Find the string "project" in the data, and copy out each line that has it.

Records from a dataset:
┌────────

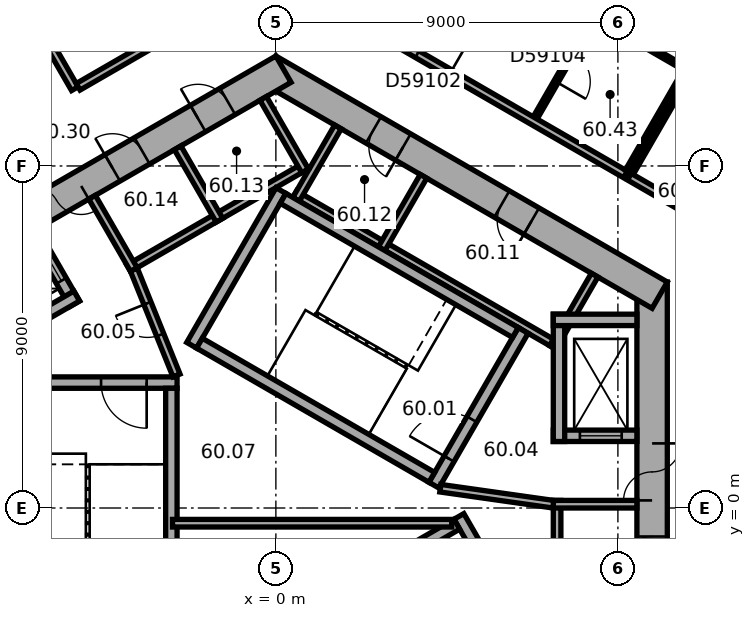
"""IFC4 building model, lengths in metres.
Left out: names, types, materials, properties, quantities, classifications, styles, units other than length and angle.
Written with IfcOpenShell. Run it as: python <this file> out.ifc"""

import sys

from ifc_helpers import new_model, si_unit, direction, frame, frame_2d, origin, place, context, subcontext, project, spatial, rectangle, extrude, element, fill, save


model = new_model("IFC4")
c1 = context("Model", 3, precision=1e-05, world=origin(), true_north=direction((0.0, 1.0)))
c2 = subcontext(c1, "Body", "Model", "MODEL_VIEW")
j1 = project(units=[si_unit("LENGTHUNIT", "METRE"), si_unit("PLANEANGLEUNIT", "RADIAN")], contexts=[c1])
p1 = place(None, origin())
s1 = spatial("IfcSite", under=j1, at=p1, CompositionType="ELEMENT")
p2 = place(p1, origin())
s2 = spatial("IfcBuilding", under=s1, at=p2, CompositionType="ELEMENT")
p3 = place(p2, frame((0.0, 0.0, 243.9)))
s3 = spatial("IfcBuildingStorey", under=s2, at=p3, CompositionType="ELEMENT", Elevation=243.9)
p4 = place(p3, frame((9.9, -5.947, 0.0), z_axis=(0.0, 0.0, 1.0), x_axis=(0.0, 1.0, 0.0)))
e1 = element("IfcWall", 1, at=p4, inside=s3, PredefinedType="SHEAR", context=c2, shape_type="SweptSolid", body=[
    extrude(rectangle(XDim=11.894, YDim=0.8, at=frame_2d((5.947, 0.0))), origin(), (0.0, 0.0, 1.0), 3.7),
])
p5 = place(p4, frame((6.147, 0.0, 0.0)))
e2 = element("IfcOpeningElement", 2, at=p5, cuts=e1, PredefinedType="OPENING", context=c2, shape_type="SweptSolid", body=[
    extrude(rectangle(XDim=1.5, YDim=2.1, at=frame_2d((0.75, 1.05))), frame((0.0, 0.41, 0.0), z_axis=(0.0, -1.0, 0.0), x_axis=(1.0, 0.0, 0.0)), (0.0, 0.0, 1.0), 0.82),
])
p6 = place(p4, frame((1.697, 0.0, 0.0)))
e3 = element("IfcOpeningElement", 3, at=p6, cuts=e1, PredefinedType="OPENING", context=c2, shape_type="SweptSolid", body=[
    extrude(rectangle(XDim=0.9, YDim=2.1, at=frame_2d((0.45, 1.05))), frame((0.0, 0.41, 0.0), z_axis=(0.0, -1.0, 0.0), x_axis=(1.0, 0.0, 0.0)), (0.0, 0.0, 1.0), 0.82),
])
p7 = place(p4, frame((4.297, 0.0, 0.0)))
e4 = element("IfcOpeningElement", 4, at=p7, cuts=e1, PredefinedType="OPENING", context=c2, shape_type="SweptSolid", body=[
    extrude(rectangle(XDim=0.9, YDim=2.1, at=frame_2d((0.45, 1.05))), frame((0.0, 0.41, 0.0), z_axis=(0.0, -1.0, 0.0), x_axis=(1.0, 0.0, 0.0)), (0.0, 0.0, 1.0), 0.82),
])
p8 = place(p3, frame((10.1, 5.6, 0.0), z_axis=(0.0, 0.0, 1.0), x_axis=(-0.866023897231, 0.500002609418, 0.0)))
e5 = element("IfcWall", 5, at=p8, inside=s3, PredefinedType="SHEAR", context=c2, shape_type="SweptSolid", body=[
    extrude(rectangle(XDim=11.894, YDim=0.8, at=frame_2d((5.947, 0.0))), origin(), (0.0, 0.0, 1.0), 3.7),
])
p9 = place(p8, frame((3.897, 0.0, 0.0)))
e6 = element("IfcOpeningElement", 6, at=p9, cuts=e5, PredefinedType="OPENING", context=c2, shape_type="SweptSolid", body=[
    extrude(rectangle(XDim=0.9, YDim=2.1, at=frame_2d((0.45, 1.05))), frame((0.0, 0.41, 0.0), z_axis=(0.0, -1.0, 0.0), x_axis=(1.0, 0.0, 0.0)), (0.0, 0.0, 1.0), 0.82),
])
p10 = place(p8, frame((7.797, 0.0, 0.0)))
e7 = element("IfcOpeningElement", 7, at=p10, cuts=e5, PredefinedType="OPENING", context=c2, shape_type="SweptSolid", body=[
    extrude(rectangle(XDim=0.9, YDim=2.1, at=frame_2d((0.45, 1.05))), frame((0.0, 0.41, 0.0), z_axis=(0.0, -1.0, 0.0), x_axis=(1.0, 0.0, 0.0)), (0.0, 0.0, 1.0), 0.82),
])
p11 = place(p3, frame((0.2, 11.547, 0.0), z_axis=(0.0, 0.0, 1.0), x_axis=(-0.866023897231, -0.500002609418, 0.0)))
e8 = element("IfcWall", 8, at=p11, inside=s3, PredefinedType="SHEAR", context=c2, shape_type="SweptSolid", body=[
    extrude(rectangle(XDim=11.894, YDim=0.8, at=frame_2d((5.947, 0.0))), origin(), (0.0, 0.0, 1.0), 3.7),
])
p12 = place(p11, frame((6.147, 0.0, 0.0)))
e9 = element("IfcOpeningElement", 9, at=p12, cuts=e8, PredefinedType="OPENING", context=c2, shape_type="SweptSolid", body=[
    extrude(rectangle(XDim=1.5, YDim=2.1, at=frame_2d((0.75, 1.05))), frame((0.0, 0.41, 0.0), z_axis=(0.0, -1.0, 0.0), x_axis=(1.0, 0.0, 0.0)), (0.0, 0.0, 1.0), 0.82),
])
p13 = place(p11, frame((1.697, 0.0, 0.0)))
e10 = element("IfcOpeningElement", 10, at=p13, cuts=e8, PredefinedType="OPENING", context=c2, shape_type="SweptSolid", body=[
    extrude(rectangle(XDim=0.9, YDim=2.1, at=frame_2d((0.45, 1.05))), frame((0.0, 0.41, 0.0), z_axis=(0.0, -1.0, 0.0), x_axis=(1.0, 0.0, 0.0)), (0.0, 0.0, 1.0), 0.82),
])
p14 = place(p11, frame((4.297, 0.0, 0.0)))
e11 = element("IfcOpeningElement", 11, at=p14, cuts=e8, PredefinedType="OPENING", context=c2, shape_type="SweptSolid", body=[
    extrude(rectangle(XDim=0.9, YDim=2.1, at=frame_2d((0.45, 1.05))), frame((0.0, 0.41, 0.0), z_axis=(0.0, -1.0, 0.0), x_axis=(1.0, 0.0, 0.0)), (0.0, 0.0, 1.0), 0.82),
])
p15 = place(p3, frame((7.4, -5.2, 0.0), z_axis=(0.0, 0.0, 1.0), x_axis=(0.0, 1.0, 0.0)))
e12 = element("IfcWall", 12, at=p15, inside=s3, PredefinedType="PARTITIONING", context=c2, shape_type="SweptSolid", body=[
    extrude(rectangle(XDim=5.4, YDim=0.2, at=frame_2d((2.7, 0.0))), origin(), (0.0, 0.0, 1.0), 3.42),
])
p16 = place(p3, frame((7.3, 0.1, 0.0), z_axis=(0.0, 0.0, 1.0), x_axis=(1.0, 0.0, 0.0)))
e13 = element("IfcWall", 13, at=p16, inside=s3, PredefinedType="PARTITIONING", context=c2, shape_type="SweptSolid", body=[
    extrude(rectangle(XDim=2.2, YDim=0.2, at=frame_2d((1.1, 0.0))), origin(), (0.0, 0.0, 1.0), 3.42),
])
p17 = place(p3, frame((7.424, 4.259, 0.0), z_axis=(0.0, 0.0, 1.0), x_axis=(-0.866026010844, 0.49999894854, 0.0)))
e14 = element("IfcWall", 14, at=p17, inside=s3, PredefinedType="PARTITIONING", context=c2, shape_type="SweptSolid", body=[
    extrude(rectangle(XDim=8.0, YDim=0.2, at=frame_2d((4.0, 0.0))), origin(), (0.0, 0.0, 1.0), 3.42),
])
for number, where, z_axis, x_axis in (
    (15, (7.287, 4.222, 0.0), (0.0, 0.0, 1.0), (0.5, 0.866, 0.0)),
    (16, (2.784, 6.822, 0.0), (0.0, 0.0, 1.0), (0.5, 0.866, 0.0)),
    (17, (0.532, 8.122, 0.0), (0.0, 0.0, 1.0), (0.5, 0.866, 0.0)),
):
    element("IfcWall", number, at=place(p3, frame(where, z_axis=z_axis, x_axis=x_axis)), inside=s3, PredefinedType="PARTITIONING", context=c2, shape_type="SweptSolid", body=[
        extrude(rectangle(XDim=2.2, YDim=0.2, at=frame_2d((1.1, 0.0))), origin(), (0.0, 0.0, 1.0), 3.42),
    ])
p18 = place(p3, frame((0.803, 9.009, 0.0), z_axis=(0.0, 0.0, 1.0), x_axis=(-0.866028230842, -0.499995103361, 0.0)))
e18 = element("IfcWall", 18, at=p18, inside=s3, PredefinedType="PARTITIONING", context=c2, shape_type="SweptSolid", body=[
    extrude(rectangle(XDim=5.4, YDim=0.2, at=frame_2d((2.7, 0.0))), origin(), (0.0, 0.0, 1.0), 3.42),
])
p19 = place(p3, frame((0.767, 8.872, 0.0), z_axis=(0.0, 0.0, 1.0), x_axis=(-0.499994660107, 0.866028486751, 0.0)))
e19 = element("IfcWall", 19, at=p19, inside=s3, PredefinedType="PARTITIONING", context=c2, shape_type="SweptSolid", body=[
    extrude(rectangle(XDim=2.2, YDim=0.2, at=frame_2d((1.1, 0.0))), origin(), (0.0, 0.0, 1.0), 3.42),
])
for number, where, z_axis, x_axis in (
    (20, (-1.485, 7.572, 0.0), (0.0, 0.0, 1.0), (-0.5, 0.866, 0.0)),
    (21, (-3.737, 6.272, 0.0), (0.0, 0.0, 1.0), (-0.5, 0.866, 0.0)),
):
    element("IfcWall", number, at=place(p3, frame(where, z_axis=z_axis, x_axis=x_axis)), inside=s3, PredefinedType="PARTITIONING", context=c2, shape_type="SweptSolid", body=[
        extrude(rectangle(XDim=2.2, YDim=0.2, at=frame_2d((1.1, 0.0))), origin(), (0.0, 0.0, 1.0), 3.42),
    ])
p20 = place(p3, frame((4.158, 0.602, 0.0), z_axis=(0.0, 0.0, 1.0), x_axis=(0.499977259774, 0.866038532462, 0.0)))
e22 = element("IfcWall", 22, at=p20, inside=s3, PredefinedType="SHEAR", context=c2, shape_type="SweptSolid", body=[
    extrude(rectangle(XDim=4.7, YDim=0.3, at=frame_2d((2.35, 0.0))), origin(), (0.0, 0.0, 1.0), 3.42),
])
p21 = place(p20, frame((0.8, 0.0, 0.0)))
e23 = element("IfcOpeningElement", 23, at=p21, cuts=e22, PredefinedType="OPENING", context=c2, shape_type="SweptSolid", body=[
    extrude(rectangle(XDim=1.2, YDim=2.1, at=frame_2d((0.6, 1.05))), frame((0.0, 0.16, 0.0), z_axis=(0.0, -1.0, 0.0), x_axis=(1.0, 0.0, 0.0)), (0.0, 0.0, 1.0), 0.32),
])
p22 = place(p3, frame((-2.216, 4.282, 0.0), z_axis=(0.0, 0.0, 1.0), x_axis=(0.499977259774, 0.866038532462, 0.0)))
e24 = element("IfcWall", 24, at=p22, inside=s3, PredefinedType="SHEAR", context=c2, shape_type="SweptSolid", body=[
    extrude(rectangle(XDim=4.7, YDim=0.3, at=frame_2d((2.35, 0.0))), origin(), (0.0, 0.0, 1.0), 3.42),
])
for number, where, z_axis, x_axis in (
    (25, (4.103, 0.807, 0.0), (0.0, 0.0, 1.0), (-0.866, 0.5, 0.0)),
    (26, (6.303, 4.617, 0.0), (0.0, 0.0, 1.0), (-0.866, 0.5, 0.0)),
):
    element("IfcWall", number, at=place(p3, frame(where, z_axis=z_axis, x_axis=x_axis)), inside=s3, PredefinedType="SHEAR", context=c2, shape_type="SweptSolid", body=[
        extrude(rectangle(XDim=7.06, YDim=0.3, at=frame_2d((3.53, 0.0))), origin(), (0.0, 0.0, 1.0), 3.42),
    ])
p23 = place(p3, frame((-2.6, 3.3, 0.0), z_axis=(0.0, 0.0, 1.0), x_axis=(-1.0, 0.0, 0.0)))
e27 = element("IfcWall", 27, at=p23, inside=s3, PredefinedType="SHEAR", context=c2, shape_type="SweptSolid", body=[
    extrude(rectangle(XDim=4.7, YDim=0.3, at=frame_2d((2.35, 0.0))), origin(), (0.0, 0.0, 1.0), 3.42),
])
p24 = place(p23, frame((0.8, 0.0, 0.0)))
e28 = element("IfcOpeningElement", 28, at=p24, cuts=e27, PredefinedType="OPENING", context=c2, shape_type="SweptSolid", body=[
    extrude(rectangle(XDim=1.2, YDim=2.1, at=frame_2d((0.6, 1.05))), frame((0.0, 0.16, 0.0), z_axis=(0.0, -1.0, 0.0), x_axis=(1.0, 0.0, 0.0)), (0.0, 0.0, 1.0), 0.32),
])
p25 = place(p3, frame((-2.75, 3.15, 0.0), z_axis=(0.0, 0.0, 1.0), x_axis=(0.0, -1.0, 0.0)))
e29 = element("IfcWall", 29, at=p25, inside=s3, PredefinedType="SHEAR", context=c2, shape_type="SweptSolid", body=[
    extrude(rectangle(XDim=7.06, YDim=0.3, at=frame_2d((3.53, 0.0))), origin(), (0.0, 0.0, 1.0), 3.42),
])
p26 = place(p3, frame((4.816, -0.222, 0.0), z_axis=(0.0, 0.0, 1.0), x_axis=(0.499977259774, -0.866038532462, 0.0)))
e30 = element("IfcWall", 30, at=p26, inside=s3, PredefinedType="SHEAR", context=c2, shape_type="SweptSolid", body=[
    extrude(rectangle(XDim=4.7, YDim=0.3, at=frame_2d((2.35, 0.0))), origin(), (0.0, 0.0, 1.0), 3.42),
])
p27 = place(p3, frame((-1.353, -3.957, 0.0), z_axis=(0.0, 0.0, 1.0), x_axis=(0.866027801685, 0.499995846692, 0.0)))
e31 = element("IfcWall", 31, at=p27, inside=s3, PredefinedType="SHEAR", context=c2, shape_type="SweptSolid", body=[
    extrude(rectangle(XDim=7.06, YDim=0.3, at=frame_2d((3.53, 0.0))), origin(), (0.0, 0.0, 1.0), 3.42),
])
p28 = place(p3, frame((7.3, 1.9, 0.0), z_axis=(0.0, 0.0, 1.0), x_axis=(1.0, 0.0, 0.0)))
e32 = element("IfcWall", 32, at=p28, inside=s3, PredefinedType="SHEAR", context=c2, shape_type="SweptSolid", body=[
    extrude(rectangle(XDim=2.2, YDim=0.3, at=frame_2d((1.1, 0.0))), origin(), (0.0, 0.0, 1.0), 3.42),
])
p29 = place(p28, frame((0.7, 0.0, 0.0)))
e33 = element("IfcOpeningElement", 33, at=p29, cuts=e32, PredefinedType="OPENING", context=c2, shape_type="SweptSolid", body=[
    extrude(rectangle(XDim=1.1, YDim=2.1, at=frame_2d((0.55, 1.05))), frame((0.0, 0.16, 0.0), z_axis=(0.0, -1.0, 0.0), x_axis=(1.0, 0.0, 0.0)), (0.0, 0.0, 1.0), 0.32),
])
p30 = place(p3, frame((7.45, 1.75, 0.0), z_axis=(0.0, 0.0, 1.0), x_axis=(0.0, 1.0, 0.0)))
e34 = element("IfcWall", 34, at=p30, inside=s3, PredefinedType="SHEAR", context=c2, shape_type="SweptSolid", body=[
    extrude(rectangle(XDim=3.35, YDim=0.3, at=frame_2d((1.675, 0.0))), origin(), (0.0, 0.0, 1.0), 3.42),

└────────

**Solution below**
from ifc_helpers import new_model, si_unit, direction, frame, frame_2d, origin, place, context, subcontext, project, spatial, rectangle, extrude, element, fill, save
j1 = project(units=[si_unit("LENGTHUNIT", "METRE"), si_unit("PLANEANGLEUNIT", "RADIAN")], contexts=[c1])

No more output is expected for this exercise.